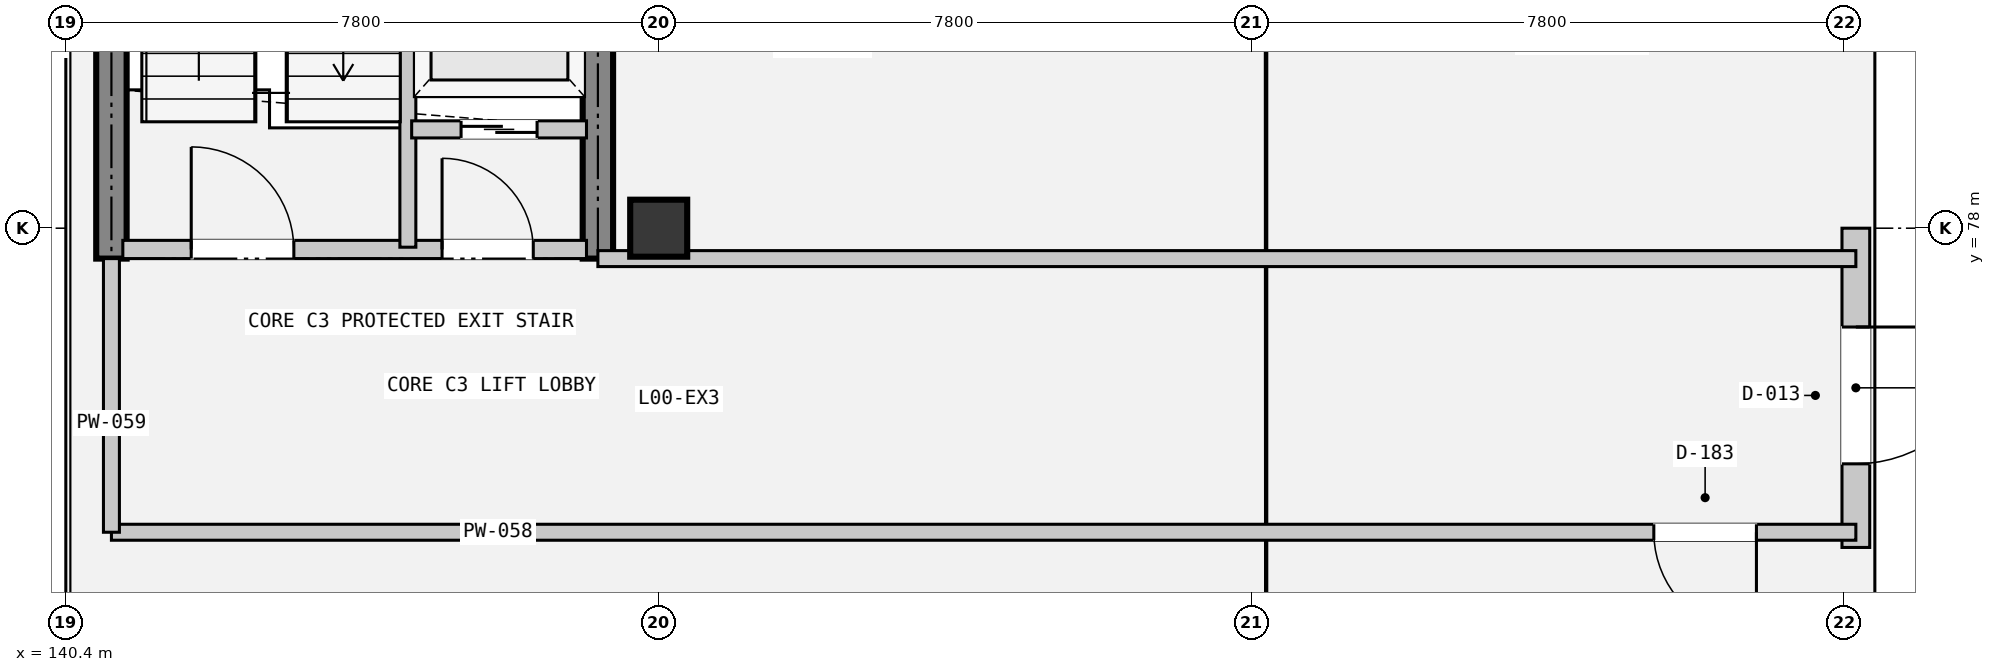
"""IFC4 building model, lengths in metres.
Left out: names, types, materials, properties, quantities, classifications, styles, units other than length and angle.
Written with IfcOpenShell. Run it as: python <this file> out.ifc"""

import sys

from ifc_helpers import new_model, si_unit, direction, frame, frame_2d, origin, origin_2d, place, context, subcontext, project, spatial, rectangle, extrude, element, fill, save


model = new_model("IFC4")
c1 = context("Model", 3, precision=1e-05, world=origin(), true_north=direction((0.0, 1.0)))
c2 = subcontext(c1, "Body", "Model", "MODEL_VIEW")
j1 = project(units=[si_unit("LENGTHUNIT", "METRE"), si_unit("PLANEANGLEUNIT", "RADIAN")], contexts=[c1])
p1 = place(None, origin())
s1 = spatial("IfcSite", under=j1, at=p1, CompositionType="ELEMENT")
p2 = place(p1, origin())
s2 = spatial("IfcBuilding", under=s1, at=p2, CompositionType="ELEMENT")
p3 = place(p2, origin())
s3 = spatial("IfcBuildingStorey", under=s2, at=p3, CompositionType="ELEMENT", Elevation=0.0)
p4 = place(p3, frame((148.2, 78.0, 0.0), z_axis=(0.0, 0.0, 1.0), x_axis=(1.0, 0.0, 0.0)))
e1 = element("IfcColumn", 1, at=p4, inside=s3, PredefinedType="COLUMN", context=c2, shape_type="SweptSolid", body=[
    extrude(rectangle(XDim=0.75, YDim=0.75, at=origin_2d()), origin(), (0.0, 0.0, 1.0), 5.4),
])
for number, where, z_axis, x_axis in (
    (2, (141.0, 77.6, 0.0), (0.0, 0.0, 1.0), (0.0, 1.0, 0.0)),
    (3, (147.4, 77.6, 0.0), (0.0, 0.0, 1.0), (0.0, 1.0, 0.0)),
):
    element("IfcWall", number, at=place(p3, frame(where, z_axis=z_axis, x_axis=x_axis)), inside=s3, PredefinedType="SHEAR", context=c2, shape_type="SweptSolid", body=[
        extrude(rectangle(XDim=8.6, YDim=0.4, at=frame_2d((4.3, 0.0))), origin(), (0.0, 0.0, 1.0), 5.4),
    ])
p5 = place(p3, frame((163.95, 78.0, 0.0), z_axis=(0.0, 0.0, 1.0), x_axis=(0.0, -1.0, 0.0)))
e4 = element("IfcWall", 4, at=p5, inside=s3, PredefinedType="SOLIDWALL", context=c2, shape_type="SweptSolid", body=[
    extrude(rectangle(XDim=4.2, YDim=0.365, at=frame_2d((2.1, 0.0))), origin(), (0.0, 0.0, 1.0), 4.46),
])
p6 = place(p5, frame((1.3, 0.0, 0.0)))
e5 = element("IfcOpeningElement", 5, at=p6, cuts=e4, PredefinedType="OPENING", context=c2, shape_type="SweptSolid", body=[
    extrude(rectangle(XDim=1.8, YDim=2.4, at=frame_2d((0.9, 1.2))), frame((0.0, 0.192, 0.0), z_axis=(0.0, -1.0, 0.0), x_axis=(1.0, 0.0, 0.0)), (0.0, 0.0, 1.0), 0.385),
])
p7 = place(p3, frame((141.15, 77.72, 0.0), z_axis=(0.0, 0.0, 1.0), x_axis=(1.0, 0.0, 0.0)))
e6 = element("IfcWall", 6, at=p7, inside=s3, PredefinedType="PARTITIONING", context=c2, shape_type="SweptSolid", body=[
    extrude(rectangle(XDim=6.1, YDim=0.24, at=frame_2d((3.05, 0.0))), origin(), (0.0, 0.0, 1.0), 4.46),
])
p8 = place(p7, frame((0.9, 0.0, 0.0)))
e7 = element("IfcOpeningElement", 7, at=p8, cuts=e6, PredefinedType="OPENING", context=c2, shape_type="SweptSolid", body=[
    extrude(rectangle(XDim=1.35, YDim=2.2, at=frame_2d((0.675, 1.1))), frame((0.0, 0.13, 0.0), z_axis=(0.0, -1.0, 0.0), x_axis=(1.0, 0.0, 0.0)), (0.0, 0.0, 1.0), 0.26),
])
p9 = place(p7, frame((4.2, 0.0, 0.0)))
e8 = element("IfcOpeningElement", 8, at=p9, cuts=e6, PredefinedType="OPENING", context=c2, shape_type="SweptSolid", body=[
    extrude(rectangle(XDim=1.2, YDim=2.2, at=frame_2d((0.6, 1.1))), frame((0.0, 0.13, 0.0), z_axis=(0.0, -1.0, 0.0), x_axis=(1.0, 0.0, 0.0)), (0.0, 0.0, 1.0), 0.26),
])
p10 = place(p3, frame((144.9, 77.75, 0.0), z_axis=(0.0, 0.0, 1.0), x_axis=(0.0, 1.0, 0.0)))
e9 = element("IfcWall", 9, at=p10, inside=s3, PredefinedType="PARTITIONING", context=c2, shape_type="SweptSolid", body=[
    extrude(rectangle(XDim=8.3, YDim=0.21, at=frame_2d((4.15, 0.0))), origin(), (0.0, 0.0, 1.0), 4.46),
])
p11 = place(p3, frame((144.95, 79.3, 0.0), z_axis=(0.0, 0.0, 1.0), x_axis=(1.0, 0.0, 0.0)))
e10 = element("IfcWall", 10, at=p11, inside=s3, PredefinedType="PARTITIONING", context=c2, shape_type="SweptSolid", body=[
    extrude(rectangle(XDim=2.3, YDim=0.225, at=frame_2d((1.15, 0.0))), origin(), (0.0, 0.0, 1.0), 4.46),
])
p12 = place(p11, frame((0.65, 0.0, 0.0)))
e11 = element("IfcOpeningElement", 11, at=p12, cuts=e10, PredefinedType="OPENING", context=c2, shape_type="SweptSolid", body=[
    extrude(rectangle(XDim=1.0, YDim=2.15, at=frame_2d((0.5, 1.075))), frame((0.0, 0.123, 0.0), z_axis=(0.0, -1.0, 0.0), x_axis=(1.0, 0.0, 0.0)), (0.0, 0.0, 1.0), 0.245),
])
p13 = place(p3, frame((163.95, 74.0, 0.0), z_axis=(0.0, 0.0, 1.0), x_axis=(-1.0, 0.0, 0.0)))
e12 = element("IfcWall", 12, at=p13, inside=s3, PredefinedType="PARTITIONING", context=c2, shape_type="SweptSolid", body=[
    extrude(rectangle(XDim=22.95, YDim=0.21, at=frame_2d((11.475, 0.0))), origin(), (0.0, 0.0, 1.0), 3.45),
])
p14 = place(p13, frame((1.308, 0.0, 0.0)))
e13 = element("IfcOpeningElement", 13, at=p14, cuts=e12, PredefinedType="OPENING", context=c2, shape_type="SweptSolid", body=[
    extrude(rectangle(XDim=1.35, YDim=2.2, at=frame_2d((0.675, 1.1))), frame((0.0, 0.115, 0.0), z_axis=(0.0, -1.0, 0.0), x_axis=(1.0, 0.0, 0.0)), (0.0, 0.0, 1.0), 0.23),
])
p15 = place(p3, frame((141.0, 77.6, 0.0), z_axis=(0.0, 0.0, 1.0), x_axis=(0.0, -1.0, 0.0)))
e14 = element("IfcWall", 14, at=p15, inside=s3, PredefinedType="PARTITIONING", context=c2, shape_type="SweptSolid", body=[
    extrude(rectangle(XDim=3.6, YDim=0.21, at=frame_2d((1.8, 0.0))), origin(), (0.0, 0.0, 1.0), 3.45),
])
p16 = place(p3, frame((147.4, 77.6, 0.0), z_axis=(0.0, 0.0, 1.0), x_axis=(1.0, 0.0, 0.0)))
e15 = element("IfcWall", 15, at=p16, inside=s3, PredefinedType="PARTITIONING", context=c2, shape_type="SweptSolid", body=[
    extrude(rectangle(XDim=16.55, YDim=0.21, at=frame_2d((8.275, 0.0))), origin(), (0.0, 0.0, 1.0), 3.45),
])
p17 = place(p6, origin())
e16 = element("IfcDoor", 16, at=p17, inside=s3, OperationType="DOUBLE_DOOR_SINGLE_SWING", PredefinedType="DOOR", context=c2, shape_type="SweptSolid", body=[
    extrude(rectangle(XDim=1.8, YDim=2.4, at=frame_2d((0.9, 1.2))), frame((0.0, 0.025, 0.0), z_axis=(0.0, -1.0, 0.0), x_axis=(1.0, 0.0, 0.0)), (0.0, 0.0, 1.0), 0.05),
])
fill(e5, e16)
p18 = place(p8, origin())
e17 = element("IfcDoor", 17, at=p18, inside=s3, OperationType="SINGLE_SWING_RIGHT", PredefinedType="DOOR", context=c2, shape_type="SweptSolid", body=[
    extrude(rectangle(XDim=1.35, YDim=2.2, at=frame_2d((0.675, 1.1))), frame((0.0, 0.025, 0.0), z_axis=(0.0, -1.0, 0.0), x_axis=(1.0, 0.0, 0.0)), (0.0, 0.0, 1.0), 0.05),
])
fill(e7, e17)
p19 = place(p9, origin())
e18 = element("IfcDoor", 18, at=p19, inside=s3, OperationType="SINGLE_SWING_LEFT", PredefinedType="DOOR", context=c2, shape_type="SweptSolid", body=[
    extrude(rectangle(XDim=1.2, YDim=2.2, at=frame_2d((0.6, 1.1))), frame((0.0, 0.025, 0.0), z_axis=(0.0, -1.0, 0.0), x_axis=(1.0, 0.0, 0.0)), (0.0, 0.0, 1.0), 0.05),
])
fill(e8, e18)
p20 = place(p12, origin())
e19 = element("IfcDoor", 19, at=p20, inside=s3, OperationType="SLIDING_TO_RIGHT", PredefinedType="DOOR", context=c2, shape_type="SweptSolid", body=[
    extrude(rectangle(XDim=1.0, YDim=2.15, at=frame_2d((0.5, 1.075))), frame((0.0, 0.025, 0.0), z_axis=(0.0, -1.0, 0.0), x_axis=(1.0, 0.0, 0.0)), (0.0, 0.0, 1.0), 0.05),
])
fill(e11, e19)
p21 = place(p14, origin())
e20 = element("IfcDoor", 20, at=p21, inside=s3, OperationType="SINGLE_SWING_RIGHT", PredefinedType="DOOR", context=c2, shape_type="SweptSolid", body=[
    extrude(rectangle(XDim=1.35, YDim=2.2, at=frame_2d((0.675, 1.1))), frame((0.0, 0.025, 0.0), z_axis=(0.0, -1.0, 0.0), x_axis=(1.0, 0.0, 0.0)), (0.0, 0.0, 1.0), 0.05),
])
fill(e13, e20)
save(model, sys.argv[1])
________________________________________
What the task requires:
When the word "subcontext" turns up on a line of the material above, copy that line.

Problem solution:
from ifc_helpers import new_model, si_unit, direction, frame, frame_2d, origin, origin_2d, place, context, subcontext, project, spatial, rectangle, extrude, element, fill, save
c2 = subcontext(c1, "Body", "Model", "MODEL_VIEW")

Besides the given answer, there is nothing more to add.